▶ _Problem_: Using the records below, locate all lines containing "source" and return them.

Stored entries:
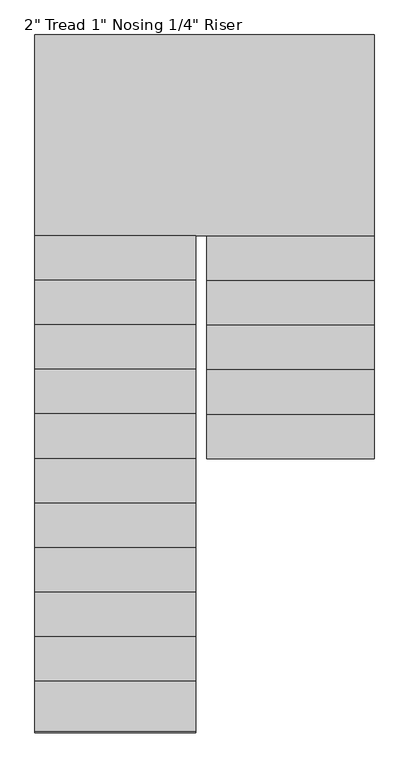
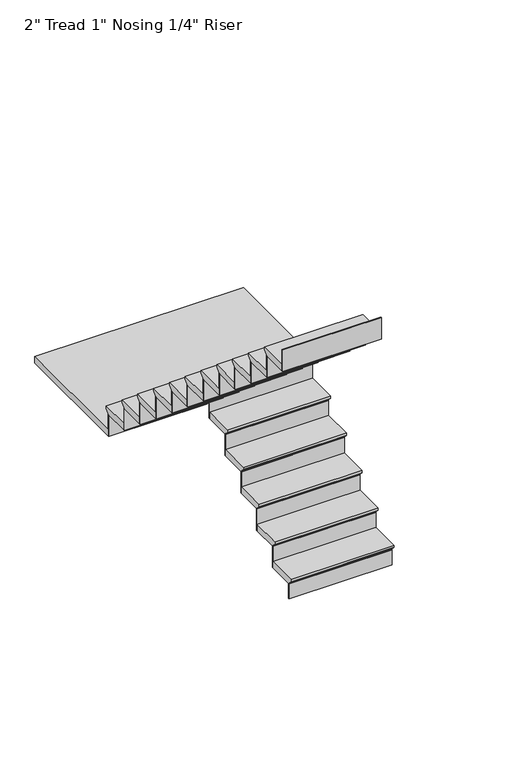
"""IFC4 building model written with IfcOpenShell, lengths in millimetres: stair flight geometry."""

from ifc_helpers import new_model, si_unit, origin, place, context, project, spatial, faceted_brep, source, transform, mapped, element, save


def stair_flight_cacad448(model_context):
    return source(origin(), model_context, "Body", "Brep", [
        faceted_brep([(-3749.597125, 2714.6319226, 27429.8833333), (-3749.597125, 2714.6319226, 27448.9333333), (-4512.2136682, 2714.6319226, 27448.9333333), (-4512.2136682, 2714.6319226, 27429.8833333), (-3749.597125, 2740.0319226, 27404.4833333), (-4512.2136682, 2740.0319226, 27404.4833333), (-3749.597125, 2943.2319226, 27448.9333333), (-4512.2136682, 2943.2319226, 27448.9333333), (-4512.2136682, 2740.0319226, 27398.1333333), (-4512.2136682, 2943.2319226, 27398.1333333), (-3749.597125, 2943.2319226, 27398.1333333), (-3749.597125, 2740.0319226, 27398.1333333)], [[[0, 1, 2, 3]], [[4, 0, 3, 5]], [[2, 1, 6, 7]], [[8, 9, 10, 11]], [[2, 7, 9, 8, 5, 3]], [[8, 11, 4, 5]], [[6, 1, 0, 4, 11, 10]], [[7, 6, 10, 9]]]),
        faceted_brep([(-3749.597125, 2740.0319226, 27398.1333333), (-3749.597125, 2740.0319226, 27279.6), (-3749.597125, 2746.3819226, 27279.6), (-3749.597125, 2746.3819226, 27398.1333333), (-4512.2136682, 2740.0319226, 27398.1333333), (-4512.2136682, 2746.3819226, 27398.1333333), (-4512.2136682, 2746.3819226, 27279.6), (-4512.2136682, 2740.0319226, 27279.6)], [[[0, 1, 2, 3]], [[4, 5, 6, 7]], [[1, 0, 4, 7]], [[2, 1, 7, 6]], [[3, 2, 6, 5]], [[0, 3, 5, 4]]]),
        faceted_brep([(-3749.597125, 2943.2319226, 27567.4666667), (-3749.597125, 2943.2319226, 27398.1333333), (-3749.597125, 2949.5819226, 27398.1333333), (-3749.597125, 2949.5819226, 27567.4666667), (-4512.2136682, 2943.2319226, 27567.4666667), (-4512.2136682, 2949.5819226, 27567.4666667), (-4512.2136682, 2949.5819226, 27398.1333333), (-4512.2136682, 2943.2319226, 27398.1333333)], [[[0, 1, 2, 3]], [[4, 5, 6, 7]], [[1, 0, 4, 7]], [[2, 1, 7, 6]], [[3, 2, 6, 5]], [[0, 3, 5, 4]]]),
        faceted_brep([(-4512.2136682, 2917.8319226, 27618.2666667), (-3749.597125, 2917.8319226, 27618.2666667), (-3749.597125, 3146.4319226, 27618.2666667), (-4512.2136682, 3146.4319226, 27618.2666667), (-4512.2136682, 2943.2319226, 27567.4666667), (-4512.2136682, 3146.4319226, 27567.4666667), (-3749.597125, 3146.4319226, 27567.4666667), (-3749.597125, 2943.2319226, 27567.4666667), (-4512.2136682, 2943.2319226, 27573.8166667), (-4512.2136682, 2917.8319226, 27599.2166667), (-3749.597125, 2943.2319226, 27573.8166667), (-3749.597125, 2917.8319226, 27599.2166667)], [[[0, 1, 2, 3]], [[4, 5, 6, 7]], [[0, 3, 5, 4, 8, 9]], [[4, 7, 10, 8]], [[2, 1, 11, 10, 7, 6]], [[3, 2, 6, 5]], [[11, 1, 0, 9]], [[10, 11, 9, 8]]]),
        faceted_brep([(-3749.597125, 3146.4319226, 27736.8), (-3749.597125, 3146.4319226, 27567.4666667), (-3749.597125, 3152.7819226, 27567.4666667), (-3749.597125, 3152.7819226, 27736.8), (-4512.2136682, 3146.4319226, 27736.8), (-4512.2136682, 3152.7819226, 27736.8), (-4512.2136682, 3152.7819226, 27567.4666667), (-4512.2136682, 3146.4319226, 27567.4666667)], [[[0, 1, 2, 3]], [[4, 5, 6, 7]], [[1, 0, 4, 7]], [[2, 1, 7, 6]], [[3, 2, 6, 5]], [[0, 3, 5, 4]]]),
        faceted_brep([(-4512.2136682, 3121.0319226, 27787.6), (-3749.597125, 3121.0319226, 27787.6), (-3749.597125, 3349.6319226, 27787.6), (-4512.2136682, 3349.6319226, 27787.6), (-4512.2136682, 3146.4319226, 27736.8), (-4512.2136682, 3349.6319226, 27736.8), (-3749.597125, 3349.6319226, 27736.8), (-3749.597125, 3146.4319226, 27736.8), (-4512.2136682, 3146.4319226, 27743.15), (-4512.2136682, 3121.0319226, 27768.55), (-3749.597125, 3146.4319226, 27743.15), (-3749.597125, 3121.0319226, 27768.55)], [[[0, 1, 2, 3]], [[4, 5, 6, 7]], [[0, 3, 5, 4, 8, 9]], [[4, 7, 10, 8]], [[2, 1, 11, 10, 7, 6]], [[3, 2, 6, 5]], [[11, 1, 0, 9]], [[10, 11, 9, 8]]]),
        faceted_brep([(-3749.597125, 3349.6319226, 27906.1333333), (-3749.597125, 3349.6319226, 27736.8), (-3749.597125, 3355.9819226, 27736.8), (-3749.597125, 3355.9819226, 27906.1333333), (-4512.2136682, 3349.6319226, 27906.1333333), (-4512.2136682, 3355.9819226, 27906.1333333), (-4512.2136682, 3355.9819226, 27736.8), (-4512.2136682, 3349.6319226, 27736.8)], [[[0, 1, 2, 3]], [[4, 5, 6, 7]], [[1, 0, 4, 7]], [[2, 1, 7, 6]], [[3, 2, 6, 5]], [[0, 3, 5, 4]]]),
        faceted_brep([(-4512.2136682, 3324.2319226, 27956.9333333), (-3749.597125, 3324.2319226, 27956.9333333), (-3749.597125, 3552.8319226, 27956.9333333), (-4512.2136682, 3552.8319226, 27956.9333333), (-4512.2136682, 3349.6319226, 27906.1333333), (-4512.2136682, 3552.8319226, 27906.1333333), (-3749.597125, 3552.8319226, 27906.1333333), (-3749.597125, 3349.6319226, 27906.1333333), (-4512.2136682, 3349.6319226, 27912.4833333), (-4512.2136682, 3324.2319226, 27937.8833333), (-3749.597125, 3349.6319226, 27912.4833333), (-3749.597125, 3324.2319226, 27937.8833333)], [[[0, 1, 2, 3]], [[4, 5, 6, 7]], [[0, 3, 5, 4, 8, 9]], [[4, 7, 10, 8]], [[2, 1, 11, 10, 7, 6]], [[3, 2, 6, 5]], [[11, 1, 0, 9]], [[10, 11, 9, 8]]]),
        faceted_brep([(-3749.597125, 3552.8319226, 28075.4666667), (-3749.597125, 3552.8319226, 27906.1333333), (-3749.597125, 3559.1819226, 27906.1333333), (-3749.597125, 3559.1819226, 28075.4666667), (-4512.2136682, 3552.8319226, 28075.4666667), (-4512.2136682, 3559.1819226, 28075.4666667), (-4512.2136682, 3559.1819226, 27906.1333333), (-4512.2136682, 3552.8319226, 27906.1333333)], [[[0, 1, 2, 3]], [[4, 5, 6, 7]], [[1, 0, 4, 7]], [[2, 1, 7, 6]], [[3, 2, 6, 5]], [[0, 3, 5, 4]]]),
        faceted_brep([(-4512.2136682, 3527.4319226, 28126.2666667), (-3749.597125, 3527.4319226, 28126.2666667), (-3749.597125, 3756.0319226, 28126.2666667), (-4512.2136682, 3756.0319226, 28126.2666667), (-4512.2136682, 3552.8319226, 28075.4666667), (-4512.2136682, 3756.0319226, 28075.4666667), (-3749.597125, 3756.0319226, 28075.4666667), (-3749.597125, 3552.8319226, 28075.4666667), (-4512.2136682, 3552.8319226, 28081.8166667), (-4512.2136682, 3527.4319226, 28107.2166667), (-3749.597125, 3552.8319226, 28081.8166667), (-3749.597125, 3527.4319226, 28107.2166667)], [[[0, 1, 2, 3]], [[4, 5, 6, 7]], [[0, 3, 5, 4, 8, 9]], [[4, 7, 10, 8]], [[2, 1, 11, 10, 7, 6]], [[3, 2, 6, 5]], [[11, 1, 0, 9]], [[10, 11, 9, 8]]]),
        faceted_brep([(-3749.597125, 3756.0319226, 28244.8), (-3749.597125, 3756.0319226, 28075.4666667), (-3749.597125, 3762.3819226, 28075.4666667), (-3749.597125, 3762.3819226, 28244.8), (-4512.2136682, 3756.0319226, 28244.8), (-4512.2136682, 3762.3819226, 28244.8), (-4512.2136682, 3762.3819226, 28075.4666667), (-4512.2136682, 3756.0319226, 28075.4666667)], [[[0, 1, 2, 3]], [[4, 5, 6, 7]], [[1, 0, 4, 7]], [[2, 1, 7, 6]], [[3, 2, 6, 5]], [[0, 3, 5, 4]]]),
        faceted_brep([(-4563.0136682, 3705.2319226, 28295.6), (-4563.0136682, 3730.6319226, 28295.6), (-3749.597125, 3730.6319226, 28295.6), (-3749.597125, 4645.0319226, 28295.6), (-5295.0246464, 4645.0319226, 28295.6), (-5295.0246464, 3705.2319226, 28295.6), (-4563.0136682, 3730.6319226, 28244.8), (-4563.0136682, 3705.2319226, 28244.8), (-5295.0246464, 3705.2319226, 28244.8), (-5295.0246464, 4645.0319226, 28244.8), (-3749.597125, 4645.0319226, 28244.8), (-3749.597125, 3756.0319226, 28244.8), (-4512.2136682, 3756.0319226, 28244.8), (-4512.2136682, 3730.6319226, 28244.8), (-4512.2136682, 3730.6319226, 28276.55), (-3749.597125, 3730.6319226, 28276.55), (-4512.2136682, 3756.0319226, 28251.15), (-3749.597125, 3756.0319226, 28251.15)], [[[0, 1, 2, 3, 4, 5]], [[6, 7, 8, 9, 10, 11, 12, 13]], [[1, 0, 7, 6]], [[2, 1, 6, 13, 14, 15]], [[13, 12, 16, 14]], [[12, 11, 17, 16]], [[3, 2, 15, 17, 11, 10]], [[4, 3, 10, 9]], [[5, 4, 9, 8]], [[0, 5, 8, 7]], [[17, 15, 14, 16]]]),
        faceted_brep([(-5295.0246464, 3705.2319226, 28414.1333333), (-5295.0246464, 3705.2319226, 28244.8), (-5295.0246464, 3698.8819226, 28244.8), (-5295.0246464, 3698.8819226, 28414.1333333), (-4563.0136682, 3705.2319226, 28414.1333333), (-4563.0136682, 3698.8819226, 28414.1333333), (-4563.0136682, 3698.8819226, 28244.8), (-4563.0136682, 3705.2319226, 28244.8)], [[[0, 1, 2, 3]], [[4, 5, 6, 7]], [[1, 0, 4, 7]], [[2, 1, 7, 6]], [[3, 2, 6, 5]], [[0, 3, 5, 4]]]),
        faceted_brep([(-4563.0136682, 3730.6319226, 28464.9333333), (-5295.0246464, 3730.6319226, 28464.9333333), (-5295.0246464, 3502.0319226, 28464.9333333), (-4563.0136682, 3502.0319226, 28464.9333333), (-4563.0136682, 3705.2319226, 28414.1333333), (-4563.0136682, 3502.0319226, 28414.1333333), (-5295.0246464, 3502.0319226, 28414.1333333), (-5295.0246464, 3705.2319226, 28414.1333333), (-4563.0136682, 3705.2319226, 28420.4833333), (-4563.0136682, 3730.6319226, 28445.8833333), (-5295.0246464, 3705.2319226, 28420.4833333), (-5295.0246464, 3730.6319226, 28445.8833333)], [[[0, 1, 2, 3]], [[4, 5, 6, 7]], [[0, 3, 5, 4, 8, 9]], [[4, 7, 10, 8]], [[2, 1, 11, 10, 7, 6]], [[3, 2, 6, 5]], [[11, 1, 0, 9]], [[10, 11, 9, 8]]]),
        faceted_brep([(-5295.0246464, 3502.0319226, 28583.4666667), (-5295.0246464, 3502.0319226, 28414.1333333), (-5295.0246464, 3495.6819226, 28414.1333333), (-5295.0246464, 3495.6819226, 28583.4666667), (-4563.0136682, 3502.0319226, 28583.4666667), (-4563.0136682, 3495.6819226, 28583.4666667), (-4563.0136682, 3495.6819226, 28414.1333333), (-4563.0136682, 3502.0319226, 28414.1333333)], [[[0, 1, 2, 3]], [[4, 5, 6, 7]], [[1, 0, 4, 7]], [[2, 1, 7, 6]], [[3, 2, 6, 5]], [[0, 3, 5, 4]]]),
        faceted_brep([(-4563.0136682, 3527.4319226, 28634.2666667), (-5295.0246464, 3527.4319226, 28634.2666667), (-5295.0246464, 3298.8319226, 28634.2666667), (-4563.0136682, 3298.8319226, 28634.2666667), (-4563.0136682, 3502.0319226, 28583.4666667), (-4563.0136682, 3298.8319226, 28583.4666667), (-5295.0246464, 3298.8319226, 28583.4666667), (-5295.0246464, 3502.0319226, 28583.4666667), (-4563.0136682, 3502.0319226, 28589.8166667), (-4563.0136682, 3527.4319226, 28615.2166667), (-5295.0246464, 3502.0319226, 28589.8166667), (-5295.0246464, 3527.4319226, 28615.2166667)], [[[0, 1, 2, 3]], [[4, 5, 6, 7]], [[0, 3, 5, 4, 8, 9]], [[4, 7, 10, 8]], [[2, 1, 11, 10, 7, 6]], [[3, 2, 6, 5]], [[11, 1, 0, 9]], [[10, 11, 9, 8]]]),
        faceted_brep([(-5295.0246464, 3298.8319226, 28752.8), (-5295.0246464, 3298.8319226, 28583.4666667), (-5295.0246464, 3292.4819226, 28583.4666667), (-5295.0246464, 3292.4819226, 28752.8), (-4563.0136682, 3298.8319226, 28752.8), (-4563.0136682, 3292.4819226, 28752.8), (-4563.0136682, 3292.4819226, 28583.4666667), (-4563.0136682, 3298.8319226, 28583.4666667)], [[[0, 1, 2, 3]], [[4, 5, 6, 7]], [[1, 0, 4, 7]], [[2, 1, 7, 6]], [[3, 2, 6, 5]], [[0, 3, 5, 4]]]),
        faceted_brep([(-4563.0136682, 3324.2319226, 28803.6), (-5295.0246464, 3324.2319226, 28803.6), (-5295.0246464, 3095.6319226, 28803.6), (-4563.0136682, 3095.6319226, 28803.6), (-4563.0136682, 3298.8319226, 28752.8), (-4563.0136682, 3095.6319226, 28752.8), (-5295.0246464, 3095.6319226, 28752.8), (-5295.0246464, 3298.8319226, 28752.8), (-4563.0136682, 3298.8319226, 28759.15), (-4563.0136682, 3324.2319226, 28784.55), (-5295.0246464, 3298.8319226, 28759.15), (-5295.0246464, 3324.2319226, 28784.55)], [[[0, 1, 2, 3]], [[4, 5, 6, 7]], [[0, 3, 5, 4, 8, 9]], [[4, 7, 10, 8]], [[2, 1, 11, 10, 7, 6]], [[3, 2, 6, 5]], [[11, 1, 0, 9]], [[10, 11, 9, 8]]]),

▶ _Reply_:
from ifc_helpers import new_model, si_unit, origin, place, context, project, spatial, faceted_brep, source, transform, mapped, element, save
    return source(origin(), model_context, "Body", "Brep", [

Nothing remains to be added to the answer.